● **Description of the task**:
Two lines in the data below mark the range: the one with "#135=VECTOR('',#134,1.);" and the one with "#149=DIRECTION('',(-1.,0.));". Return both, along with every line between them, exactly.
········
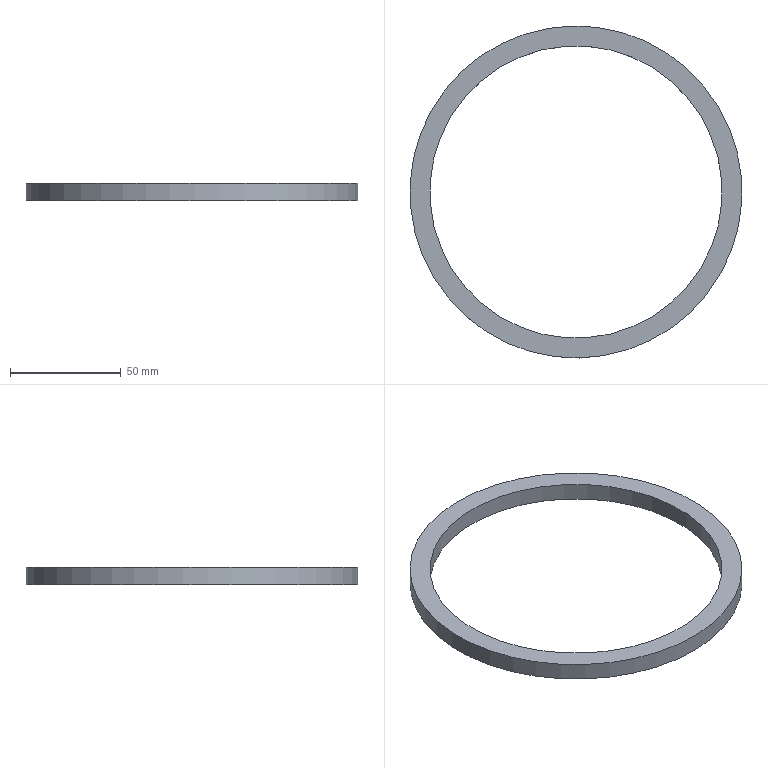Component | NX | CH3404-9 | 1 solid | 4 faces | box 150 x 150 x 8 mm | volume 31893 mm3 | cylinder 2 | plane 2 | commonest cylinder face diameters 150 x1 132 x1
STEP:
#1=CARTESIAN_POINT('',(0.,0.,0.));
#2=DIRECTION('',(0.,0.,1.));
#3=DIRECTION('',(1.,0.,0.));
#4=AXIS2_PLACEMENT_3D('',#1,#2,#3);
#5=CARTESIAN_POINT('',(-68.749,-28.623,-1500.3));
#6=VERTEX_POINT('',#5);
#7=CARTESIAN_POINT('',(0.5308,0.1057,-1500.3));
#8=DIRECTION('',(0.,0.,-1.));
#9=DIRECTION('',(-0.9237,-0.383,0.));
#10=AXIS2_PLACEMENT_3D('',#7,#8,#9);
#11=CIRCLE('',#10,75.);
#12=CARTESIAN_POINT('',(0.5308,0.1057,-1500.3));
#13=DIRECTION('',(0.,0.,1.));
#14=DIRECTION('',(0.9237,0.383,0.));
#15=AXIS2_PLACEMENT_3D('',#12,#13,#14);
#16=CYLINDRICAL_SURFACE('',#15,75.);
#17=CARTESIAN_POINT('',(9.425,0.));
#18=DIRECTION('',(-1.,0.));
#19=VECTOR('',#18,1.);
#20=LINE('',#17,#19);
#21=(GEOMETRIC_REPRESENTATION_CONTEXT(2)PARAMETRIC_REPRESENTATION_CONTEXT()REPRESENTATION_CONTEXT('',''));
#22=DEFINITIONAL_REPRESENTATION('',(#20),#21);
#23=PCURVE('',#16,#22);
#24=CARTESIAN_POINT('',(0.5308,0.1057,-1500.3));
#25=DIRECTION('',(0.,0.,-1.));
#26=DIRECTION('',(-0.9237,-0.383,0.));
#27=AXIS2_PLACEMENT_3D('',#24,#25,#26);
#28=PLANE('',#27);
#29=CARTESIAN_POINT('',(0.,0.));
#30=DIRECTION('',(1.,0.));
#31=AXIS2_PLACEMENT_2D('',#29,#30);
#32=CIRCLE('',#31,75.);
#33=(GEOMETRIC_REPRESENTATION_CONTEXT(2)PARAMETRIC_REPRESENTATION_CONTEXT()REPRESENTATION_CONTEXT('',''));
#34=DEFINITIONAL_REPRESENTATION('',(#32),#33);
#35=PCURVE('',#28,#34);
#36=SURFACE_CURVE('',#11,(#23,#35),.PCURVE_S1.);
#37=EDGE_CURVE('',#6,#6,#36,.T.);
#38=ORIENTED_EDGE('',*,*,#37,.F.);
#39=CARTESIAN_POINT('',(-68.749,-28.623,-1492.3));
#40=VERTEX_POINT('',#39);
#41=CARTESIAN_POINT('',(-68.749,-28.623,-1500.3));
#42=CARTESIAN_POINT('',(-68.749,-28.623,-1492.3));
#43=B_SPLINE_CURVE_WITH_KNOTS('',1,(#41,#42),.UNSPECIFIED.,.F.,.F.,(2,2),(0.,8.),.PIECEWISE_BEZIER_KNOTS.);
#44=CARTESIAN_POINT('',(9.425,0.));
#45=DIRECTION('',(0.,1.));
#46=VECTOR('',#45,1.);
#47=LINE('',#44,#46);
#48=(GEOMETRIC_REPRESENTATION_CONTEXT(2)PARAMETRIC_REPRESENTATION_CONTEXT()REPRESENTATION_CONTEXT('',''));
#49=DEFINITIONAL_REPRESENTATION('',(#47),#48);
#50=PCURVE('',#16,#49);
#51=CARTESIAN_POINT('',(3.142,0.));
#52=DIRECTION('',(0.,1.));
#53=VECTOR('',#52,1.);
#54=LINE('',#51,#53);
#55=(GEOMETRIC_REPRESENTATION_CONTEXT(2)PARAMETRIC_REPRESENTATION_CONTEXT()REPRESENTATION_CONTEXT('',''));
#56=DEFINITIONAL_REPRESENTATION('',(#54),#55);
#57=PCURVE('',#16,#56);
#58=SEAM_CURVE('',#43,(#50,#57),.PCURVE_S1.);
#59=EDGE_CURVE('',#6,#40,#58,.T.);
#60=ORIENTED_EDGE('',*,*,#59,.T.);
#61=CARTESIAN_POINT('',(0.5308,0.1057,-1492.3));
#62=DIRECTION('',(0.,0.,-1.));
#63=DIRECTION('',(-0.9237,-0.383,0.));
#64=AXIS2_PLACEMENT_3D('',#61,#62,#63);
#65=CIRCLE('',#64,75.);
#66=CARTESIAN_POINT('',(9.425,8.));
#67=DIRECTION('',(-1.,0.));
#68=VECTOR('',#67,1.);
#69=LINE('',#66,#68);
#70=(GEOMETRIC_REPRESENTATION_CONTEXT(2)PARAMETRIC_REPRESENTATION_CONTEXT()REPRESENTATION_CONTEXT('',''));
#71=DEFINITIONAL_REPRESENTATION('',(#69),#70);
#72=PCURVE('',#16,#71);
#73=CARTESIAN_POINT('',(0.5308,0.1057,-1492.3));
#74=DIRECTION('',(0.,0.,-1.));
#75=DIRECTION('',(-0.9237,-0.383,0.));
#76=AXIS2_PLACEMENT_3D('',#73,#74,#75);
#77=PLANE('',#76);
#78=CARTESIAN_POINT('',(0.,0.));
#79=DIRECTION('',(1.,0.));
#80=AXIS2_PLACEMENT_2D('',#78,#79);
#81=CIRCLE('',#80,75.);
#82=(GEOMETRIC_REPRESENTATION_CONTEXT(2)PARAMETRIC_REPRESENTATION_CONTEXT()REPRESENTATION_CONTEXT('',''));
#83=DEFINITIONAL_REPRESENTATION('',(#81),#82);
#84=PCURVE('',#77,#83);
#85=SURFACE_CURVE('',#65,(#72,#84),.PCURVE_S1.);
#86=EDGE_CURVE('',#40,#40,#85,.T.);
#87=ORIENTED_EDGE('',*,*,#86,.T.);
#88=ORIENTED_EDGE('',*,*,#59,.F.);
#89=EDGE_LOOP('',(#38,#60,#87,#88));
#90=FACE_BOUND('',#89,.T.);
#91=ADVANCED_FACE('',(#90),#16,.T.);
#92=CARTESIAN_POINT('',(-60.435,-25.176,-1500.3));
#93=VERTEX_POINT('',#92);
#94=CARTESIAN_POINT('',(0.5308,0.1057,-1500.3));
#95=DIRECTION('',(0.,0.,-1.));
#96=DIRECTION('',(-0.9237,-0.383,0.));
#97=AXIS2_PLACEMENT_3D('',#94,#95,#96);
#98=CIRCLE('',#97,66.);
#99=CARTESIAN_POINT('',(0.5308,0.1057,-1500.3));
#100=DIRECTION('',(0.,0.,1.));
#101=DIRECTION('',(0.9237,0.383,0.));
#102=AXIS2_PLACEMENT_3D('',#99,#100,#101);
#103=CYLINDRICAL_SURFACE('',#102,66.);
#104=CARTESIAN_POINT('',(9.425,0.));
#105=DIRECTION('',(-1.,0.));
#106=VECTOR('',#105,1.);
#107=LINE('',#104,#106);
#108=(GEOMETRIC_REPRESENTATION_CONTEXT(2)PARAMETRIC_REPRESENTATION_CONTEXT()REPRESENTATION_CONTEXT('',''));
#109=DEFINITIONAL_REPRESENTATION('',(#107),#108);
#110=PCURVE('',#103,#109);
#111=CARTESIAN_POINT('',(0.,0.));
#112=DIRECTION('',(1.,0.));
#113=AXIS2_PLACEMENT_2D('',#111,#112);
#114=CIRCLE('',#113,66.);
#115=(GEOMETRIC_REPRESENTATION_CONTEXT(2)PARAMETRIC_REPRESENTATION_CONTEXT()REPRESENTATION_CONTEXT('',''));
#116=DEFINITIONAL_REPRESENTATION('',(#114),#115);
#117=PCURVE('',#28,#116);
#118=SURFACE_CURVE('',#98,(#110,#117),.PCURVE_S1.);
#119=EDGE_CURVE('',#93,#93,#118,.T.);
#120=ORIENTED_EDGE('',*,*,#119,.F.);
#121=CARTESIAN_POINT('',(-60.435,-25.176,-1492.3));
#122=VERTEX_POINT('',#121);
#123=CARTESIAN_POINT('',(-60.435,-25.176,-1500.3));
#124=CARTESIAN_POINT('',(-60.435,-25.176,-1492.3));
#125=B_SPLINE_CURVE_WITH_KNOTS('',1,(#123,#124),.UNSPECIFIED.,.F.,.F.,(2,2),(0.,8.),.PIECEWISE_BEZIER_KNOTS.);
#126=CARTESIAN_POINT('',(9.425,0.));
#127=DIRECTION('',(0.,1.));
#128=VECTOR('',#127,1.);
#129=LINE('',#126,#128);
#130=(GEOMETRIC_REPRESENTATION_CONTEXT(2)PARAMETRIC_REPRESENTATION_CONTEXT()REPRESENTATION_CONTEXT('',''));
#131=DEFINITIONAL_REPRESENTATION('',(#129),#130);
#132=PCURVE('',#103,#131);
#133=CARTESIAN_POINT('',(3.142,0.));
#134=DIRECTION('',(0.,1.));
#135=VECTOR('',#134,1.);
#136=LINE('',#133,#135);
#137=(GEOMETRIC_REPRESENTATION_CONTEXT(2)PARAMETRIC_REPRESENTATION_CONTEXT()REPRESENTATION_CONTEXT('',''));
#138=DEFINITIONAL_REPRESENTATION('',(#136),#137);
#139=PCURVE('',#103,#138);
#140=SEAM_CURVE('',#125,(#132,#139),.PCURVE_S1.);
#141=EDGE_CURVE('',#93,#122,#140,.T.);
#142=ORIENTED_EDGE('',*,*,#141,.T.);
#143=CARTESIAN_POINT('',(0.5308,0.1057,-1492.3));
#144=DIRECTION('',(0.,0.,-1.));
#145=DIRECTION('',(-0.9237,-0.383,0.));
#146=AXIS2_PLACEMENT_3D('',#143,#144,#145);
#147=CIRCLE('',#146,66.);
#148=CARTESIAN_POINT('',(9.425,8.));
#149=DIRECTION('',(-1.,0.));
#150=VECTOR('',#149,1.);
#151=LINE('',#148,#150);
#152=(GEOMETRIC_REPRESENTATION_CONTEXT(2)PARAMETRIC_REPRESENTATION_CONTEXT()REPRESENTATION_CONTEXT('',''));
#153=DEFINITIONAL_REPRESENTATION('',(#151),#152);
#154=PCURVE('',#103,#153);
#155=CARTESIAN_POINT('',(0.,0.));
#156=DIRECTION('',(1.,0.));
#157=AXIS2_PLACEMENT_2D('',#155,#156);
#158=CIRCLE('',#157,66.);
#159=(GEOMETRIC_REPRESENTATION_CONTEXT(2)PARAMETRIC_REPRESENTATION_CONTEXT()REPRESENTATION_CONTEXT('',''));
#160=DEFINITIONAL_REPRESENTATION('',(#158),#159);
#161=PCURVE('',#77,#160);
#162=SURFACE_CURVE('',#147,(#154,#161),.PCURVE_S1.);
#163=EDGE_CURVE('',#122,#122,#162,.T.);
#164=ORIENTED_EDGE('',*,*,#163,.T.);
#165=ORIENTED_EDGE('',*,*,#141,.F.);
#166=EDGE_LOOP('',(#120,#142,#164,#165));
#167=FACE_BOUND('',#166,.F.);
#168=ADVANCED_FACE('',(#167),#103,.F.);
#169=ORIENTED_EDGE('',*,*,#37,.T.);
#170=EDGE_LOOP('',(#169));
#171=FACE_BOUND('',#170,.T.);
#172=ORIENTED_EDGE('',*,*,#119,.F.);
#173=EDGE_LOOP('',(#172));
#174=FACE_BOUND('',#173,.T.);
#175=ADVANCED_FACE('',(#171,#174),#28,.T.);
#176=ORIENTED_EDGE('',*,*,#86,.F.);
#177=EDGE_LOOP('',(#176));
#178=FACE_BOUND('',#177,.T.);
#179=ORIENTED_EDGE('',*,*,#163,.T.);
#180=EDGE_LOOP('',(#179));
#181=FACE_BOUND('',#180,.T.);
#182=ADVANCED_FACE('',(#178,#181),#77,.F.);
#183=CLOSED_SHELL('',(#91,#168,#175,#182));
#184=MANIFOLD_SOLID_BREP('',#183);
#185=(LENGTH_UNIT()NAMED_UNIT(*)SI_UNIT(.MILLI.,.METRE.));
#186=UNCERTAINTY_MEASURE_WITH_UNIT(LENGTH_MEASURE(0.00001),#185,'','');
#187=(NAMED_UNIT(*)PLANE_ANGLE_UNIT()SI_UNIT($,.RADIAN.));
#188=(NAMED_UNIT(*)SI_UNIT($,.STERADIAN.)SOLID_ANGLE_UNIT());
#189=(GEOMETRIC_REPRESENTATION_CONTEXT(3)GLOBAL_UNCERTAINTY_ASSIGNED_CONTEXT((#186))GLOBAL_UNIT_ASSIGNED_CONTEXT((#185,#187,#188))REPRESENTATION_CONTEXT('',''));
#190=ADVANCED_BREP_SHAPE_REPRESENTATION('',(#4,#184),#189);
········
● **Task solution**:
#135=VECTOR('',#134,1.);
#136=LINE('',#133,#135);
#137=(GEOMETRIC_REPRESENTATION_CONTEXT(2)PARAMETRIC_REPRESENTATION_CONTEXT()REPRESENTATION_CONTEXT('',''));
#138=DEFINITIONAL_REPRESENTATION('',(#136),#137);
#139=PCURVE('',#103,#138);
#140=SEAM_CURVE('',#125,(#132,#139),.PCURVE_S1.);
#141=EDGE_CURVE('',#93,#122,#140,.T.);
#142=ORIENTED_EDGE('',*,*,#141,.T.);
#143=CARTESIAN_POINT('',(0.5308,0.1057,-1492.3));
#144=DIRECTION('',(0.,0.,-1.));
#145=DIRECTION('',(-0.9237,-0.383,0.));
#146=AXIS2_PLACEMENT_3D('',#143,#144,#145);
#147=CIRCLE('',#146,66.);
#148=CARTESIAN_POINT('',(9.425,8.));
#149=DIRECTION('',(-1.,0.));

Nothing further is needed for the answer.